§ **Work instruction**: Retype the data below exactly, skipping pictures.
——————
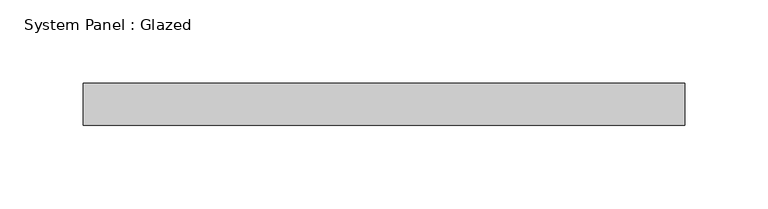
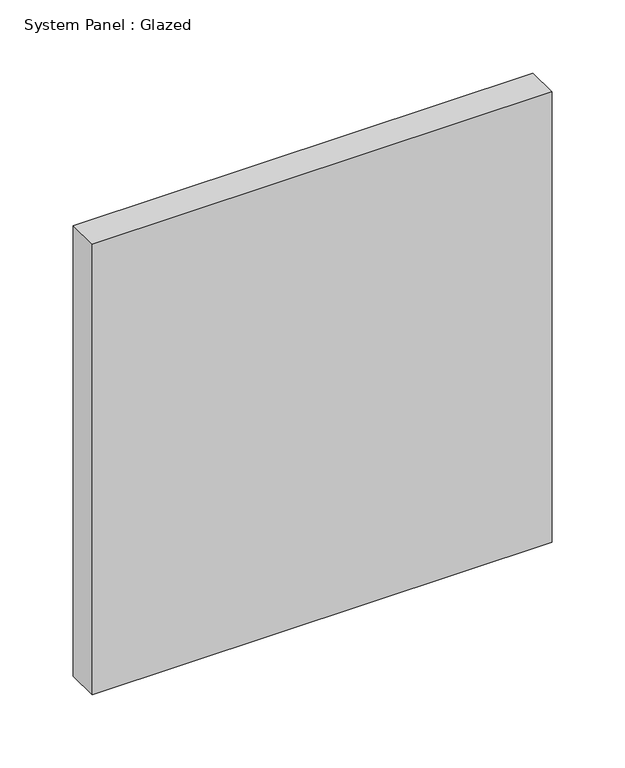
"""IFC4 building model written with IfcOpenShell, lengths in millimetres: plate geometry, System Panel : Glazed."""

from ifc_helpers import new_model, si_unit, origin, origin_with_axes, place, context, project, spatial, polyline, outline, extrude, source, transform, mapped, element, save


def system_panel_glazed_b1e52c84(model_context):
    return source(origin(), model_context, "Body", "SweptSolid", [
        extrude(outline(polyline([(180.975, 19.05), (-180.975, 19.05), (-180.975, 44.45), (180.975, 44.45), (180.975, 19.05)])), origin_with_axes(), (0.0, 0.0, 1.0), 374.65),
    ])


if __name__ == "__main__":
    model = new_model("IFC4")
    model_context = context("Model", 3, world=origin())
    ifc_project = project(units=[si_unit("LENGTHUNIT", "METRE", prefix="MILLI")], contexts=[model_context])
    site = spatial("IfcSite", under=ifc_project)
    building = spatial("IfcBuilding", under=site)
    placement = place(None, origin())
    system_panel_glazed_shape = system_panel_glazed_b1e52c84(model_context)
    element("IfcPlate", 1, ObjectType="System Panel : Glazed", at=placement, inside=building, context=model_context, shape_type="MappedRepresentation", body=[
        mapped(system_panel_glazed_shape, transform((0.0, 0.0, 0.0), x_axis=(1.0, 0.0, 0.0), y_axis=(0.0, 1.0, 0.0), z_axis=(0.0, 0.0, 1.0))),
    ])
    save(model, "model.ifc")

# Revit data of these elements
# Type "System Panel : Glazed"
#   Construction Type Id = "GSP4R"
#   Analytic Construction = "1/8 in Pilkington single glazing"
#   Visual Light Transmittance = 0.9
#   Solar Heat Gain Coefficient = 0.86
#   Heat Transfer Coefficient (U) = 1.18115 BTU/(h·ft²·°F)
#   Define Thermal Properties by = 1
# Element 1 (IfcPlate, "System Panel : Glazed")
#   Materials on its faces: "Glass"
# Materials
#   "Glass": class "Glass", colour RGB 0 128 192, transparency 0.75, Description = "Soda Lime Glass", Cost = 0
——————
§ **Task answer**:
"""IFC4 building model written with IfcOpenShell, lengths in millimetres: plate geometry, System Panel : Glazed."""

from ifc_helpers import new_model, si_unit, origin, origin_with_axes, place, context, project, spatial, polyline, outline, extrude, source, transform, mapped, element, save


def system_panel_glazed_b1e52c84(model_context):
    return source(origin(), model_context, "Body", "SweptSolid", [
        extrude(outline(polyline([(180.975, 19.05), (-180.975, 19.05), (-180.975, 44.45), (180.975, 44.45), (180.975, 19.05)])), origin_with_axes(), (0.0, 0.0, 1.0), 374.65),
    ])


if __name__ == "__main__":
    model = new_model("IFC4")
    model_context = context("Model", 3, world=origin())
    ifc_project = project(units=[si_unit("LENGTHUNIT", "METRE", prefix="MILLI")], contexts=[model_context])
    site = spatial("IfcSite", under=ifc_project)
    building = spatial("IfcBuilding", under=site)
    placement = place(None, origin())
    system_panel_glazed_shape = system_panel_glazed_b1e52c84(model_context)
    element("IfcPlate", 1, ObjectType="System Panel : Glazed", at=placement, inside=building, context=model_context, shape_type="MappedRepresentation", body=[
        mapped(system_panel_glazed_shape, transform((0.0, 0.0, 0.0), x_axis=(1.0, 0.0, 0.0), y_axis=(0.0, 1.0, 0.0), z_axis=(0.0, 0.0, 1.0))),
    ])
    save(model, "model.ifc")

# Revit data of these elements
# Type "System Panel : Glazed"
#   Construction Type Id = "GSP4R"
#   Analytic Construction = "1/8 in Pilkington single glazing"
#   Visual Light Transmittance = 0.9
#   Solar Heat Gain Coefficient = 0.86
#   Heat Transfer Coefficient (U) = 1.18115 BTU/(h·ft²·°F)
#   Define Thermal Properties by = 1
# Element 1 (IfcPlate, "System Panel : Glazed")
#   Materials on its faces: "Glass"
# Materials
#   "Glass": class "Glass", colour RGB 0 128 192, transparency 0.75, Description = "Soda Lime Glass", Cost = 0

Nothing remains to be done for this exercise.